---------- Provided records ----------
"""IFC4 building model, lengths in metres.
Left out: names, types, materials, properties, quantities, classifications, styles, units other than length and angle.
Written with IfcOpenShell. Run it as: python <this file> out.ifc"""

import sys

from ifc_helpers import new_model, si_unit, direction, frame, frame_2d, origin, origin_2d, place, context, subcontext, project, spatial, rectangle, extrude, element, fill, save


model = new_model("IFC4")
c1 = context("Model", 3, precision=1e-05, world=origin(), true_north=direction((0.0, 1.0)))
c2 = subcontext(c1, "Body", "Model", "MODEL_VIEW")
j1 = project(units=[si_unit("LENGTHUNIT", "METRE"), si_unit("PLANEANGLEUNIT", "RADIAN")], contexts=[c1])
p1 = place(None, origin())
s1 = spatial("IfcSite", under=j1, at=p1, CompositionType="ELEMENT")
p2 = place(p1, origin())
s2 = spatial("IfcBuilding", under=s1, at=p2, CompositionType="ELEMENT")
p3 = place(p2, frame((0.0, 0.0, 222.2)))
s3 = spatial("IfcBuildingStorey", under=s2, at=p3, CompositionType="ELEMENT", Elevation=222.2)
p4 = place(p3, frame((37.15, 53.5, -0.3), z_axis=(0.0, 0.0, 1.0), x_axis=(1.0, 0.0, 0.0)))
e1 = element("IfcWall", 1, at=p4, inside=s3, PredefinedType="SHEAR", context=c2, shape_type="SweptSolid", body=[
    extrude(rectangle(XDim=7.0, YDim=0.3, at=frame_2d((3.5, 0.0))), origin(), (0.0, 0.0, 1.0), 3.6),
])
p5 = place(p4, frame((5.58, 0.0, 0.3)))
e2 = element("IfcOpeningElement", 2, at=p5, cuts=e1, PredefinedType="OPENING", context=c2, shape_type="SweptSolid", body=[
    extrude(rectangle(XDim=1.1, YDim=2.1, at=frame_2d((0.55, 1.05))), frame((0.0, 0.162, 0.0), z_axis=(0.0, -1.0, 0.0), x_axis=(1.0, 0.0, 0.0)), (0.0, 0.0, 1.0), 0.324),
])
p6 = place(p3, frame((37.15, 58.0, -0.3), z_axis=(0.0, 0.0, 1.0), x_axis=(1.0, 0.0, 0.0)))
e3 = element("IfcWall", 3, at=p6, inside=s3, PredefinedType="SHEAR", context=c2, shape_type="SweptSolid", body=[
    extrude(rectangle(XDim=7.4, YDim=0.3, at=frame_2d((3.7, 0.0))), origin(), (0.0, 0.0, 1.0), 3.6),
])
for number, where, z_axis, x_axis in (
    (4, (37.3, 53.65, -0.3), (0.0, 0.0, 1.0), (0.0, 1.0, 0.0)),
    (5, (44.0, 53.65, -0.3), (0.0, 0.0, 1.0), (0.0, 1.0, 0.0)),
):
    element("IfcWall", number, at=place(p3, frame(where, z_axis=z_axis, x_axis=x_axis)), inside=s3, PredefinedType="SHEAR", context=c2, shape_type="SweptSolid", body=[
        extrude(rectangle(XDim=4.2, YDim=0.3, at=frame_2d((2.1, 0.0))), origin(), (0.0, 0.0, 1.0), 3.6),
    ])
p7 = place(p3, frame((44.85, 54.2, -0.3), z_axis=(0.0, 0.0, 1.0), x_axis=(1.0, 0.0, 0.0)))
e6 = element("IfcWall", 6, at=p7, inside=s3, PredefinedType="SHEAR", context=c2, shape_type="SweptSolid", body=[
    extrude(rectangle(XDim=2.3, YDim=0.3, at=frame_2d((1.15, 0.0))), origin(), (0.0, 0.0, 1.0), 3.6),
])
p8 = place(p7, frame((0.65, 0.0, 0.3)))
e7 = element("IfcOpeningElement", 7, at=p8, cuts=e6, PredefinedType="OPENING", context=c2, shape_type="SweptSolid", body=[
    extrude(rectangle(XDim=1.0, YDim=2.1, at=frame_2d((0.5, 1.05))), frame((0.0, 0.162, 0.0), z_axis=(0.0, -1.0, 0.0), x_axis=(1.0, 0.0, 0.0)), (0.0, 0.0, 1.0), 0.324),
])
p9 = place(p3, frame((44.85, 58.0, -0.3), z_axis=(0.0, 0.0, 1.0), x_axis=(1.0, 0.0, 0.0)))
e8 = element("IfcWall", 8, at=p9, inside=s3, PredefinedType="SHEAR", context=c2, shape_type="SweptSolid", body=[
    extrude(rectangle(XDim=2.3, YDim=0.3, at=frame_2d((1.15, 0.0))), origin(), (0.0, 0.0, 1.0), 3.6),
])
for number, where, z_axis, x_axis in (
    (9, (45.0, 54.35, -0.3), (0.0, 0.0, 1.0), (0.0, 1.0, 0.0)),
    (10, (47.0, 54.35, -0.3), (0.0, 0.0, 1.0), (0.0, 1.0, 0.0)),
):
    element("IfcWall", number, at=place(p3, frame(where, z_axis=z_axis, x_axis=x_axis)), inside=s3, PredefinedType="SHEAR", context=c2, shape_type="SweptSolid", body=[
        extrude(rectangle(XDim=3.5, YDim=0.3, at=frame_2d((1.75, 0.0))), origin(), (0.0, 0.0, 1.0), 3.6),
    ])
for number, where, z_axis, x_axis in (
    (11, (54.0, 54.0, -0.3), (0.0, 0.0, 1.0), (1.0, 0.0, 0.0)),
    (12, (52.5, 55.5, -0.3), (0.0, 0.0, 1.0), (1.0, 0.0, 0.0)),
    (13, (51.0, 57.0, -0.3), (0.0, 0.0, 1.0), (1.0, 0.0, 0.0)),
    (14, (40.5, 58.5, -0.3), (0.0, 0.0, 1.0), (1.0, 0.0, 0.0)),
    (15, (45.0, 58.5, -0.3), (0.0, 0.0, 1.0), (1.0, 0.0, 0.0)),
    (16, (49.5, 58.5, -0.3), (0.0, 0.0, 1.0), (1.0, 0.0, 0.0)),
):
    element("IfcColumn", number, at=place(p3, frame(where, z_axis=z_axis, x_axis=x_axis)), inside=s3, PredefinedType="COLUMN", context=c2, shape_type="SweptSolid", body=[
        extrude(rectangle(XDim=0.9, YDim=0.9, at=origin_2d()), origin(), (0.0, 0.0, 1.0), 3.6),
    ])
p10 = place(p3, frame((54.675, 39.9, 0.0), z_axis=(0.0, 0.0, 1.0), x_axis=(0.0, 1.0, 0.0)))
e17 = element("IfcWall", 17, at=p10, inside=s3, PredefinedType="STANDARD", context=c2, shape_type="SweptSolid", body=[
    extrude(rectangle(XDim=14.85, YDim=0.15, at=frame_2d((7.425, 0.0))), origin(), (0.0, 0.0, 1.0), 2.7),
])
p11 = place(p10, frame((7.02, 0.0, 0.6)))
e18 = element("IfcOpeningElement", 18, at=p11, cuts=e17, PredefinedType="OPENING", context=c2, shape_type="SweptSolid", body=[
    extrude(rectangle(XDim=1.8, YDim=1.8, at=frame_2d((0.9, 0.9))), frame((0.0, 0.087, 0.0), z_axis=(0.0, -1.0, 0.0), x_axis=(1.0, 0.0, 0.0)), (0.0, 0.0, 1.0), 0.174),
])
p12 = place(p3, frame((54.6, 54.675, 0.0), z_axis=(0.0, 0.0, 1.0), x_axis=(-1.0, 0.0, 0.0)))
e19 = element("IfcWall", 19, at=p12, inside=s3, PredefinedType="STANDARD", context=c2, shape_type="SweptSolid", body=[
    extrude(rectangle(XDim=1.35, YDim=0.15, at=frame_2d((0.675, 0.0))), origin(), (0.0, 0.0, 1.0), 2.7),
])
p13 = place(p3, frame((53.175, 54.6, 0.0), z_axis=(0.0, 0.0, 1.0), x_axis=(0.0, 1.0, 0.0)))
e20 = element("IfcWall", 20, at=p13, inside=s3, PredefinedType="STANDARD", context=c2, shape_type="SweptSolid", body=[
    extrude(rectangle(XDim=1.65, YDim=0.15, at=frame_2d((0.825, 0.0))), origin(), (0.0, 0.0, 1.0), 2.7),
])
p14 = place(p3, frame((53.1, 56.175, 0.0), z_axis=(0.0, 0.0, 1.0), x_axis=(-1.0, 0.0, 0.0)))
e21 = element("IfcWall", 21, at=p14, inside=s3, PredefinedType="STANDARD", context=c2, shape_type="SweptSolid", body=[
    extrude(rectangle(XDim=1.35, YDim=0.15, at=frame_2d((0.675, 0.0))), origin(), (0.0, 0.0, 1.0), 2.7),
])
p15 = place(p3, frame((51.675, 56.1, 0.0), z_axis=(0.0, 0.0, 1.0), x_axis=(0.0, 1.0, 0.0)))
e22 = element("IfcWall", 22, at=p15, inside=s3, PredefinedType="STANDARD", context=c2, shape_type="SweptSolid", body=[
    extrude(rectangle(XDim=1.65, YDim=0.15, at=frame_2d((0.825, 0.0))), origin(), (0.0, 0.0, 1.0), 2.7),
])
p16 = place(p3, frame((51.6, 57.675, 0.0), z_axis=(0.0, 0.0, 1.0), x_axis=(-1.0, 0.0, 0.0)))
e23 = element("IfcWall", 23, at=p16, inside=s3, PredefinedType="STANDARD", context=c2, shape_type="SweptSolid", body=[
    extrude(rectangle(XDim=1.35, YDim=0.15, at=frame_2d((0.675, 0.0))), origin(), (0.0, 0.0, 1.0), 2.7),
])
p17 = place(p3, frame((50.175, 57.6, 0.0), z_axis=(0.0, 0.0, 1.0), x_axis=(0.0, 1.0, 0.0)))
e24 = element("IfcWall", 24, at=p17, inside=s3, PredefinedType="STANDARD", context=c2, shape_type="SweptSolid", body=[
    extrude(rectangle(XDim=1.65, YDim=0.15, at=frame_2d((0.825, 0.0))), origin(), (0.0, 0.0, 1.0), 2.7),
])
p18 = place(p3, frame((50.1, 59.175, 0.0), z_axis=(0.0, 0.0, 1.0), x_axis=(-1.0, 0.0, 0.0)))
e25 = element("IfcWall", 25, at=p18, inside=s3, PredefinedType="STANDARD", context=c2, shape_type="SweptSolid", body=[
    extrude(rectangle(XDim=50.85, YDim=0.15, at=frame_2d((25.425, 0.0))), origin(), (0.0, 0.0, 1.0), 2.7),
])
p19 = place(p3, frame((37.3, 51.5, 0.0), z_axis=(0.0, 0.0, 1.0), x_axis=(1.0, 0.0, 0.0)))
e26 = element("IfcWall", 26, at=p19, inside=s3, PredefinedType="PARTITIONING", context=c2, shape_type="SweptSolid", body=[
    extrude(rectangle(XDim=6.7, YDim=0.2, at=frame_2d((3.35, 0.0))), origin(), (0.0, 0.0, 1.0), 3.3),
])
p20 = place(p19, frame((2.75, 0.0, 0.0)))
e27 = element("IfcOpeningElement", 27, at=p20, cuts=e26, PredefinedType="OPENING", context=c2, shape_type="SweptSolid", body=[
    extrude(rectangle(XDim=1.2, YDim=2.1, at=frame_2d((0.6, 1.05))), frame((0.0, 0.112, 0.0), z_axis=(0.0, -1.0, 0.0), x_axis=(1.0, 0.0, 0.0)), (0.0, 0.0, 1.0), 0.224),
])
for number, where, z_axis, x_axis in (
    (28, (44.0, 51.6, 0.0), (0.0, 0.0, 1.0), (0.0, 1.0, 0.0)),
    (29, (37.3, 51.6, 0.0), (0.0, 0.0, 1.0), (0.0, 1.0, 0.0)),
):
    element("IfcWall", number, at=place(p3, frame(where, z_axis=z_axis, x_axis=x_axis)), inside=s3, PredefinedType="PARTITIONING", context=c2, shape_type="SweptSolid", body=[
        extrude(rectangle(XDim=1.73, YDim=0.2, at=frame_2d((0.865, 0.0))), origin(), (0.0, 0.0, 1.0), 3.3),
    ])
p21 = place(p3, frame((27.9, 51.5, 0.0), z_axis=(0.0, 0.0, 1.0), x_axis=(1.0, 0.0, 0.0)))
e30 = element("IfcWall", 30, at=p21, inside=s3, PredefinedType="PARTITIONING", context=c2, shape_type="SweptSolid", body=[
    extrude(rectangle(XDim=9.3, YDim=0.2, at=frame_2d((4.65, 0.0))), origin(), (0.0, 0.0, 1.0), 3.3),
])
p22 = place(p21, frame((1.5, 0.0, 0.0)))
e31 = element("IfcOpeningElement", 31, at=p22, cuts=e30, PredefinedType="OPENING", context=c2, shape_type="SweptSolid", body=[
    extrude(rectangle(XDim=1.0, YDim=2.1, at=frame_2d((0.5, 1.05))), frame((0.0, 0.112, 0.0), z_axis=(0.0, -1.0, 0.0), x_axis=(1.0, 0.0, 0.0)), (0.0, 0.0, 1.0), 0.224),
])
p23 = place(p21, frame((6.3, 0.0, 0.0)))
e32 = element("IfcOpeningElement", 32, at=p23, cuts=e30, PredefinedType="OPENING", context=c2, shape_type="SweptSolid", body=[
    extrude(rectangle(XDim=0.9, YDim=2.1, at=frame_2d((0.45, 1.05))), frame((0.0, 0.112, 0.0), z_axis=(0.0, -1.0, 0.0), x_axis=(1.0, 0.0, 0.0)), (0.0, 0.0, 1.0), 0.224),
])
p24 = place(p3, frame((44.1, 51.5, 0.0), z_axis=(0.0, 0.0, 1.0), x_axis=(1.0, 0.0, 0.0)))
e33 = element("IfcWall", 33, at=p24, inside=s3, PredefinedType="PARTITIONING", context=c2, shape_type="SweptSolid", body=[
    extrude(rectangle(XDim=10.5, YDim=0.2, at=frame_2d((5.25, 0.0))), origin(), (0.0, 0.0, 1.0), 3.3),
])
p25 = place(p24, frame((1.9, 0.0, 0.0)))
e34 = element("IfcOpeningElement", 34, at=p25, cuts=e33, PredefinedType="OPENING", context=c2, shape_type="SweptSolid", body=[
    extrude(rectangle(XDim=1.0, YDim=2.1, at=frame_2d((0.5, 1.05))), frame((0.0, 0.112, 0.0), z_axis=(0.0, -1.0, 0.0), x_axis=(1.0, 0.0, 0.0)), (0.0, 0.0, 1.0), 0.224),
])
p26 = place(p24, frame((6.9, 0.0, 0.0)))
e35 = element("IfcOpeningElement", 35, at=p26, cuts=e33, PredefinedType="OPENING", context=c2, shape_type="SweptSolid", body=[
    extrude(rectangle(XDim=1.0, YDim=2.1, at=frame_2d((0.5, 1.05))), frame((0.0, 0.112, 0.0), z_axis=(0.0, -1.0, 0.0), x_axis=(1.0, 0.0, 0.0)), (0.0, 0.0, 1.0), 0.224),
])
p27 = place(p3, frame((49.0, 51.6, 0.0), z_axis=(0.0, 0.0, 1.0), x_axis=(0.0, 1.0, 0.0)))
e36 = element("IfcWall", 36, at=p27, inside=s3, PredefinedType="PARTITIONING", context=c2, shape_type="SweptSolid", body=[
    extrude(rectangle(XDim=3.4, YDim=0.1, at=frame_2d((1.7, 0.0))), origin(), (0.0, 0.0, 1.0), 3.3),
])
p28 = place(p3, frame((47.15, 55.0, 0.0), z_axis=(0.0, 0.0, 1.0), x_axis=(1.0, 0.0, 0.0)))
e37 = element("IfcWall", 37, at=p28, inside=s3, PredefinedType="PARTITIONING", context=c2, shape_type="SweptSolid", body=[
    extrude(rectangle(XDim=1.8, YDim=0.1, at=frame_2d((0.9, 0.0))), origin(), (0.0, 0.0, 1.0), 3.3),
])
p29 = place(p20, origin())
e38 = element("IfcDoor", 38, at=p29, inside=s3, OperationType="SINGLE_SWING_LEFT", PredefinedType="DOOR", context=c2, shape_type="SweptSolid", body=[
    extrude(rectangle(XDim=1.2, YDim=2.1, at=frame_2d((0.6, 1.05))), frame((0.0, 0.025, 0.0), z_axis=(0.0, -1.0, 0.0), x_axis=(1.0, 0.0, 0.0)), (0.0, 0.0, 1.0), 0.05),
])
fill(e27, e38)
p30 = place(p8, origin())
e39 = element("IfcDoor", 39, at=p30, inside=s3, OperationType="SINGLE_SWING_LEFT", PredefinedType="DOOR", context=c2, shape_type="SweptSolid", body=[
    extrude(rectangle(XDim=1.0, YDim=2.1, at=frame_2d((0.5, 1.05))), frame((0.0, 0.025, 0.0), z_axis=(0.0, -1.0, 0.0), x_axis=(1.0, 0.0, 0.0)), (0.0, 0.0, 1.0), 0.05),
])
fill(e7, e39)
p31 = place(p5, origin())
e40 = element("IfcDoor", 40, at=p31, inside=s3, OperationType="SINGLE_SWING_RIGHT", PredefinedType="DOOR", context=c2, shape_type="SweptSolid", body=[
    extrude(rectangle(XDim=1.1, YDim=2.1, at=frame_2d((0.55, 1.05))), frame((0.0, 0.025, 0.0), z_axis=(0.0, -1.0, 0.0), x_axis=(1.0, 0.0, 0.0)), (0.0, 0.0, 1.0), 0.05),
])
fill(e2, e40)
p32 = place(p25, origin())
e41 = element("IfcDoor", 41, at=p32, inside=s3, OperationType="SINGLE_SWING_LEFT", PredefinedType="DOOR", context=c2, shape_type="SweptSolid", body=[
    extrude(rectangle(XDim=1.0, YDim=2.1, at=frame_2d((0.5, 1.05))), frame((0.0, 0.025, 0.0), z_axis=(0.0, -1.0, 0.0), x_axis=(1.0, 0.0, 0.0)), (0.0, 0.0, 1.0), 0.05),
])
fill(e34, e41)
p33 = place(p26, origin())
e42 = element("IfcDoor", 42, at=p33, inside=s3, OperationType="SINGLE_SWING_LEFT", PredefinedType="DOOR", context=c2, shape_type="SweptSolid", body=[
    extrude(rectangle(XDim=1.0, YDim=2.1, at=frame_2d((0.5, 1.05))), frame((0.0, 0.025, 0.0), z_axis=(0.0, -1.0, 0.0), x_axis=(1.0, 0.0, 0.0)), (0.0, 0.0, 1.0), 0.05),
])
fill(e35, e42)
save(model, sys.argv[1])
----------
Task:
Scan the preceding listing for the string "fill" and copy every line where it occurs.

Exercise answer:
from ifc_helpers import new_model, si_unit, direction, frame, frame_2d, origin, origin_2d, place, context, subcontext, project, spatial, rectangle, extrude, element, fill, save
fill(e27, e38)
fill(e7, e39)
fill(e2, e40)
fill(e34, e41)
fill(e35, e42)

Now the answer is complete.